__Input data__

****************

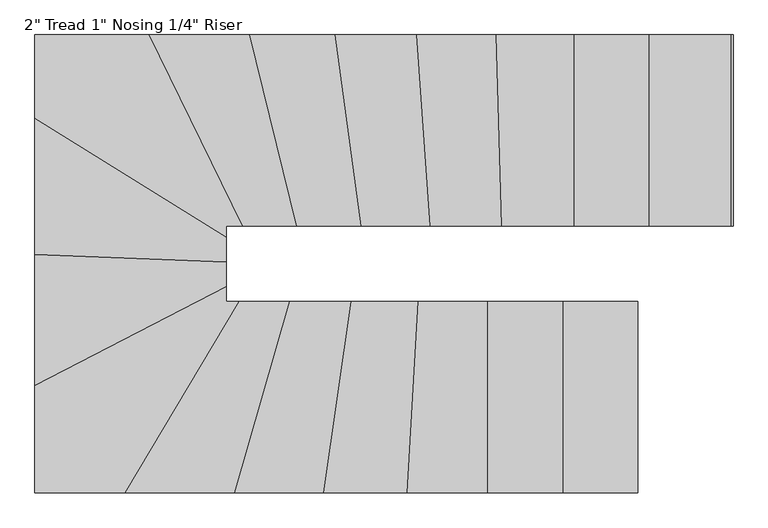
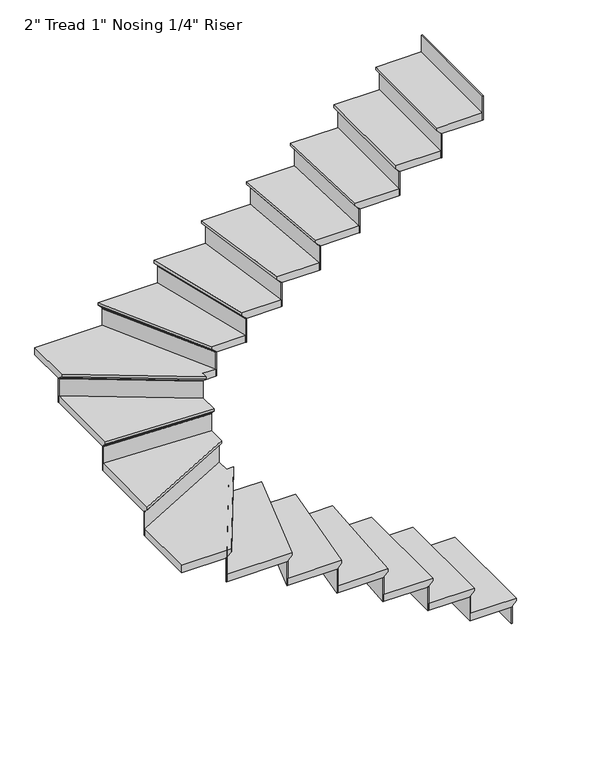
"""IFC4 building model written with IfcOpenShell, lengths in millimetres: stair flight geometry."""

from ifc_helpers import new_model, si_unit, origin, place, context, project, spatial, faceted_brep, source, transform, mapped, element, save


def stair_flight_bf45dea3(model_context):
    return source(origin(), model_context, "Body", "Brep", [
        faceted_brep([(-6703.8653968, -267.5702467, 150.2833333), (-6703.8653968, -267.5702467, 169.3333333), (-6703.8653968, -978.7702467, 169.3333333), (-6703.8653968, -978.7702467, 150.2833333), (-6729.2653968, -267.5702467, 124.8833333), (-6729.2653968, -978.7702467, 124.8833333), (-7008.6653968, -267.5702467, 169.3333333), (-7008.6653968, -978.7702467, 169.3333333), (-6729.2653968, -978.7702467, 118.5333333), (-7008.6653968, -978.7702467, 118.5333333), (-7008.6653968, -267.5702467, 118.5333333), (-6729.2653968, -267.5702467, 118.5333333)], [[[0, 1, 2, 3]], [[4, 0, 3, 5]], [[2, 1, 6, 7]], [[8, 9, 10, 11]], [[2, 7, 9, 8, 5, 3]], [[8, 11, 4, 5]], [[6, 1, 0, 4, 11, 10]], [[7, 6, 10, 9]]]),
        faceted_brep([(-6729.2653968, -267.5702467, 118.5333333), (-6729.2653968, -267.5702467, 0.0), (-6735.6153968, -267.5702467, 0.0), (-6735.6153968, -267.5702467, 118.5333333), (-6729.2653968, -978.7702467, 118.5333333), (-6735.6153968, -978.7702467, 118.5333333), (-6735.6153968, -978.7702467, 0.0), (-6729.2653968, -978.7702467, 0.0)], [[[0, 1, 2, 3]], [[4, 5, 6, 7]], [[1, 0, 4, 7]], [[2, 1, 7, 6]], [[3, 2, 6, 5]], [[0, 3, 5, 4]]]),
        faceted_brep([(-7008.6653968, -267.5702467, 287.8666667), (-7008.6653968, -267.5702467, 118.5333333), (-7015.0153968, -267.5702467, 118.5333333), (-7015.0153968, -267.5702467, 287.8666667), (-7008.6653968, -978.7702467, 287.8666667), (-7015.0153968, -978.7702467, 287.8666667), (-7015.0153968, -978.7702467, 118.5333333), (-7008.6653968, -978.7702467, 118.5333333)], [[[0, 1, 2, 3]], [[4, 5, 6, 7]], [[1, 0, 4, 7]], [[2, 1, 7, 6]], [[3, 2, 6, 5]], [[0, 3, 5, 4]]]),
        faceted_brep([(-6983.2653968, -978.7702467, 338.6666667), (-6983.2653968, -267.5702467, 338.6666667), (-7288.0653968, -267.5702467, 338.6666667), (-7288.0653968, -978.7702467, 338.6666667), (-7008.6653968, -978.7702467, 287.8666667), (-7288.0653968, -978.7702467, 287.8666667), (-7288.0653968, -267.5702467, 287.8666667), (-7008.6653968, -267.5702467, 287.8666667), (-7008.6653968, -978.7702467, 294.2166667), (-6983.2653968, -978.7702467, 319.6166667), (-7008.6653968, -267.5702467, 294.2166667), (-6983.2653968, -267.5702467, 319.6166667)], [[[0, 1, 2, 3]], [[4, 5, 6, 7]], [[0, 3, 5, 4, 8, 9]], [[4, 7, 10, 8]], [[2, 1, 11, 10, 7, 6]], [[3, 2, 6, 5]], [[11, 1, 0, 9]], [[10, 11, 9, 8]]]),
        faceted_brep([(-7288.0653968, -267.5702467, 457.2), (-7288.0653968, -267.5702467, 287.8666667), (-7294.4153968, -267.5702467, 287.8666667), (-7294.4153968, -267.5702467, 457.2), (-7288.0653968, -978.7702467, 457.2), (-7294.4153968, -978.7702467, 457.2), (-7294.4153968, -978.7702467, 287.8666667), (-7288.0653968, -978.7702467, 287.8666667)], [[[0, 1, 2, 3]], [[4, 5, 6, 7]], [[1, 0, 4, 7]], [[2, 1, 7, 6]], [[3, 2, 6, 5]], [[0, 3, 5, 4]]]),
        faceted_brep([(-7262.6653968, -978.7702467, 508.0), (-7262.6653968, -267.5702467, 508.0), (-7547.2244303, -267.5702467, 508.0), (-7587.7889272, -978.7702467, 508.0), (-7288.0653968, -978.7702467, 457.2), (-7587.7889272, -978.7702467, 457.2), (-7547.2244303, -267.5702467, 457.2), (-7288.0653968, -267.5702467, 457.2), (-7288.0653968, -978.7702467, 463.55), (-7262.6653968, -978.7702467, 488.95), (-7288.0653968, -267.5702467, 463.55), (-7262.6653968, -267.5702467, 488.95)], [[[0, 1, 2, 3]], [[4, 5, 6, 7]], [[0, 3, 5, 4, 8, 9]], [[4, 7, 10, 8]], [[2, 1, 11, 10, 7, 6]], [[3, 2, 6, 5]], [[11, 1, 0, 9]], [[10, 11, 9, 8]]]),
        faceted_brep([(-7547.2244303, -267.5702467, 626.5333333), (-7547.2244303, -267.5702467, 457.2), (-7553.5847508, -267.5702467, 457.2), (-7553.5847508, -267.5702467, 626.5333333), (-7587.7889272, -978.7702467, 626.5333333), (-7594.1492476, -978.7702467, 626.5333333), (-7594.1492476, -978.7702467, 457.2), (-7587.7889272, -978.7702467, 457.2)], [[[0, 1, 2, 3]], [[4, 5, 6, 7]], [[1, 0, 4, 7]], [[2, 1, 7, 6]], [[3, 2, 6, 5]], [[0, 3, 5, 4]]]),
        faceted_brep([(-7562.3476453, -978.7702467, 677.3333333), (-7521.7831484, -267.5702467, 677.3333333), (-7796.1994529, -267.5702467, 677.3333333), (-7898.0496202, -978.7702467, 677.3333333), (-7587.7889272, -978.7702467, 626.5333333), (-7898.0496202, -978.7702467, 626.5333333), (-7796.1994529, -267.5702467, 626.5333333), (-7547.2244303, -267.5702467, 626.5333333), (-7587.7889272, -978.7702467, 632.8833333), (-7562.3476453, -978.7702467, 658.2833333), (-7547.2244303, -267.5702467, 632.8833333), (-7521.7831484, -267.5702467, 658.2833333)], [[[0, 1, 2, 3]], [[4, 5, 6, 7]], [[0, 3, 5, 4, 8, 9]], [[4, 7, 10, 8]], [[2, 1, 11, 10, 7, 6]], [[3, 2, 6, 5]], [[11, 1, 0, 9]], [[10, 11, 9, 8]]]),
        faceted_brep([(-7796.1994529, -267.5702467, 795.8666667), (-7796.1994529, -267.5702467, 626.5333333), (-7802.6142378, -267.5702467, 626.5333333), (-7802.6142378, -267.5702467, 795.8666667), (-7898.0496202, -978.7702467, 795.8666667), (-7904.4644051, -978.7702467, 795.8666667), (-7904.4644051, -978.7702467, 626.5333333), (-7898.0496202, -978.7702467, 626.5333333)], [[[0, 1, 2, 3]], [[4, 5, 6, 7]], [[1, 0, 4, 7]], [[2, 1, 7, 6]], [[3, 2, 6, 5]], [[0, 3, 5, 4]]]),
        faceted_brep([(-7872.3904805, -978.7702467, 846.6666667), (-7770.5403132, -267.5702467, 846.6666667), (-8024.7111002, -267.5702467, 846.6666667), (-8229.8915277, -978.7702467, 846.6666667), (-7898.0496202, -978.7702467, 795.8666667), (-8229.8915277, -978.7702467, 795.8666667), (-8024.7111002, -267.5702467, 795.8666667), (-7796.1994529, -267.5702467, 795.8666667), (-7898.0496202, -978.7702467, 802.2166667), (-7872.3904805, -978.7702467, 827.6166667), (-7796.1994529, -267.5702467, 802.2166667), (-7770.5403132, -267.5702467, 827.6166667)], [[[0, 1, 2, 3]], [[4, 5, 6, 7]], [[0, 3, 5, 4, 8, 9]], [[4, 7, 10, 8]], [[2, 1, 11, 10, 7, 6]], [[3, 2, 6, 5]], [[11, 1, 0, 9]], [[10, 11, 9, 8]]]),
        faceted_brep([(-8024.7111002, -267.5702467, 965.2), (-8024.7111002, -267.5702467, 795.8666667), (-8031.3200795, -267.5702467, 795.8666667), (-8031.3200795, -267.5702467, 965.2), (-8229.8915277, -978.7702467, 965.2), (-8236.500507, -978.7702467, 965.2), (-8236.500507, -978.7702467, 795.8666667), (-8229.8915277, -978.7702467, 795.8666667)], [[[0, 1, 2, 3]], [[4, 5, 6, 7]], [[1, 0, 4, 7]], [[2, 1, 7, 6]], [[3, 2, 6, 5]], [[0, 3, 5, 4]]]),
        faceted_brep([(-8203.4556106, -978.7702467, 1016.0), (-7998.2751831, -267.5702467, 1016.0), (-8215.4900718, -267.5702467, 1016.0), (-8638.2587821, -978.7702467, 1016.0), (-8229.8915277, -978.7702467, 965.2), (-8638.2587821, -978.7702467, 965.2), (-8215.4900718, -267.5702467, 965.2), (-8024.7111002, -267.5702467, 965.2), (-8229.8915277, -978.7702467, 971.55), (-8203.4556106, -978.7702467, 996.95), (-8024.7111002, -267.5702467, 971.55), (-7998.2751831, -267.5702467, 996.95)], [[[0, 1, 2, 3]], [[4, 5, 6, 7]], [[0, 3, 5, 4, 8, 9]], [[4, 7, 10, 8]], [[2, 1, 11, 10, 7, 6]], [[3, 2, 6, 5]], [[11, 1, 0, 9]], [[10, 11, 9, 8]]]),
        faceted_brep([(-8215.4900718, -267.5702467, 1134.5333333), (-8215.4900718, -267.5702467, 965.2), (-8222.8772915, -267.5702467, 965.2), (-8222.8772915, -267.5702467, 1134.5333333), (-8638.2587821, -978.7702467, 1134.5333333), (-8645.6460018, -978.7702467, 1134.5333333), (-8645.6460018, -978.7702467, 965.2), (-8638.2587821, -978.7702467, 965.2)], [[[0, 1, 2, 3]], [[4, 5, 6, 7]], [[1, 0, 4, 7]], [[2, 1, 7, 6]], [[3, 2, 6, 5]], [[0, 3, 5, 4]]]),
        faceted_brep([(-8942.7970887, -550.9609034, 1185.3333333), (-8942.7970887, -978.7702467, 1185.3333333), (-8608.709903, -978.7702467, 1185.3333333), (-8185.9411927, -267.5702467, 1185.3333333), (-8231.5970887, -267.5702467, 1185.3333333), (-8231.5970887, -183.3035044, 1185.3333333), (-8942.7970887, -978.7702467, 1134.5333333), (-8942.7970887, -550.9609034, 1134.5333333), (-8231.5970887, -183.3035044, 1134.5333333), (-8231.5970887, -267.5702467, 1134.5333333), (-8215.4900718, -267.5702467, 1134.5333333), (-8638.2587821, -978.7702467, 1134.5333333), (-8638.2587821, -978.7702467, 1140.8833333), (-8608.709903, -978.7702467, 1166.2833333), (-8215.4900718, -267.5702467, 1140.8833333), (-8185.9411927, -267.5702467, 1166.2833333)], [[[0, 1, 2, 3, 4, 5]], [[6, 7, 8, 9, 10, 11]], [[1, 0, 7, 6]], [[2, 1, 6, 11, 12, 13]], [[11, 10, 14, 12]], [[4, 3, 15, 14, 10, 9]], [[5, 4, 9, 8]], [[0, 5, 8, 7]], [[15, 3, 2, 13]], [[14, 15, 13, 12]]]),
        faceted_brep([(-8231.5970887, -183.3035044, 1303.8666667), (-8231.5970887, -183.3035044, 1134.5333333), (-8231.5970887, -176.1551951, 1134.5333333), (-8231.5970887, -176.1551951, 1303.8666667), (-8942.7970887, -550.9609034, 1303.8666667), (-8942.7970887, -543.8125941, 1303.8666667), (-8942.7970887, -543.8125941, 1134.5333333), (-8942.7970887, -550.9609034, 1134.5333333)], [[[0, 1, 2, 3]], [[4, 5, 6, 7]], [[1, 0, 4, 7]], [[2, 1, 7, 6]], [[3, 2, 6, 5]], [[0, 3, 5, 4]]]),
        faceted_brep([(-8942.7970887, -579.5541407, 1354.6666667), (-8231.5970887, -211.8967417, 1354.6666667), (-8231.5970887, -94.9288835, 1354.6666667), (-8942.7970887, -67.5761944, 1354.6666667), (-8942.7970887, -550.9609034, 1303.8666667), (-8942.7970887, -67.5761944, 1303.8666667), (-8231.5970887, -94.9288835, 1303.8666667), (-8231.5970887, -183.3035044, 1303.8666667), (-8942.7970887, -550.9609034, 1310.2166667), (-8942.7970887, -579.5541407, 1335.6166667), (-8231.5970887, -183.3035044, 1310.2166667), (-8231.5970887, -211.8967417, 1335.6166667)], [[[0, 1, 2, 3]], [[4, 5, 6, 7]], [[0, 3, 5, 4, 8, 9]], [[4, 7, 10, 8]], [[3, 2, 6, 5]], [[11, 1, 0, 9]], [[10, 11, 9, 8]], [[2, 1, 11, 10, 7, 6]]]),
        faceted_brep([(-8231.5970887, -94.9288835, 1473.2), (-8231.5970887, -94.9288835, 1303.8666667), (-8231.5970887, -88.5741889, 1303.8666667), (-8231.5970887, -88.5741889, 1473.2), (-8942.7970887, -67.5761944, 1473.2), (-8942.7970887, -61.2214998, 1473.2), (-8942.7970887, -61.2214998, 1303.8666667), (-8942.7970887, -67.5761944, 1303.8666667)], [[[0, 1, 2, 3]], [[4, 5, 6, 7]], [[1, 0, 4, 7]], [[2, 1, 7, 6]], [[3, 2, 6, 5]], [[0, 3, 5, 4]]]),
        faceted_brep([(-8942.7970887, -92.9949729, 1524.0), (-8231.5970887, -120.3476619, 1524.0), (-8231.5970887, 2.6376943, 1524.0), (-8942.7970887, 443.8067684, 1524.0), (-8942.7970887, -67.5761944, 1473.2), (-8942.7970887, 443.8067684, 1473.2), (-8231.5970887, 2.6376943, 1473.2), (-8231.5970887, -94.9288835, 1473.2), (-8942.7970887, -67.5761944, 1479.55), (-8942.7970887, -92.9949729, 1504.95), (-8231.5970887, -94.9288835, 1479.55), (-8231.5970887, -120.3476619, 1504.95)], [[[0, 1, 2, 3]], [[4, 5, 6, 7]], [[0, 3, 5, 4, 8, 9]], [[4, 7, 10, 8]], [[2, 1, 11, 10, 7, 6]], [[3, 2, 6, 5]], [[11, 1, 0, 9]], [[10, 11, 9, 8]]]),
        faceted_brep([(-8231.5970887, 2.6376943, 1642.5333333), (-8231.5970887, 2.6376943, 1473.2), (-8231.5970887, 10.110197, 1473.2), (-8231.5970887, 10.110197, 1642.5333333), (-8942.7970887, 443.8067684, 1642.5333333), (-8942.7970887, 451.2792711, 1642.5333333), (-8942.7970887, 451.2792711, 1473.2), (-8942.7970887, 443.8067684, 1473.2)], [[[0, 1, 2, 3]], [[4, 5, 6, 7]], [[1, 0, 4, 7]], [[2, 1, 7, 6]], [[3, 2, 6, 5]], [[0, 3, 5, 4]]]),
        faceted_brep([(-8490.7794443, 723.0297533, 1693.3333333), (-8942.7970887, 723.0297533, 1693.3333333), (-8942.7970887, 413.9167576, 1693.3333333), (-8231.5970887, -27.2523165, 1693.3333333), (-8231.5970887, 11.8297533, 1693.3333333), (-8142.8507291, 11.8297533, 1693.3333333), (-8942.7970887, 723.0297533, 1642.5333333), (-8490.7794443, 723.0297533, 1642.5333333), (-8142.8507291, 11.8297533, 1642.5333333), (-8231.5970887, 11.8297533, 1642.5333333), (-8231.5970887, 2.6376943, 1642.5333333), (-8942.7970887, 443.8067684, 1642.5333333), (-8231.5970887, 2.6376943, 1648.8833333), (-8942.7970887, 443.8067684, 1648.8833333), (-8231.5970887, -27.2523165, 1674.2833333), (-8942.7970887, 413.9167576, 1674.2833333)], [[[0, 1, 2, 3, 4, 5]], [[6, 7, 8, 9, 10, 11]], [[1, 0, 7, 6]], [[11, 10, 12, 13]], [[4, 3, 14, 12, 10, 9]], [[5, 4, 9, 8]], [[0, 5, 8, 7]], [[14, 3, 2, 15]], [[12, 14, 15, 13]], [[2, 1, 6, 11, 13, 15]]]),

****************

__About this exercise__
Tally every line in the listing above that contains "source", then state only the total.

__Exercise output__
2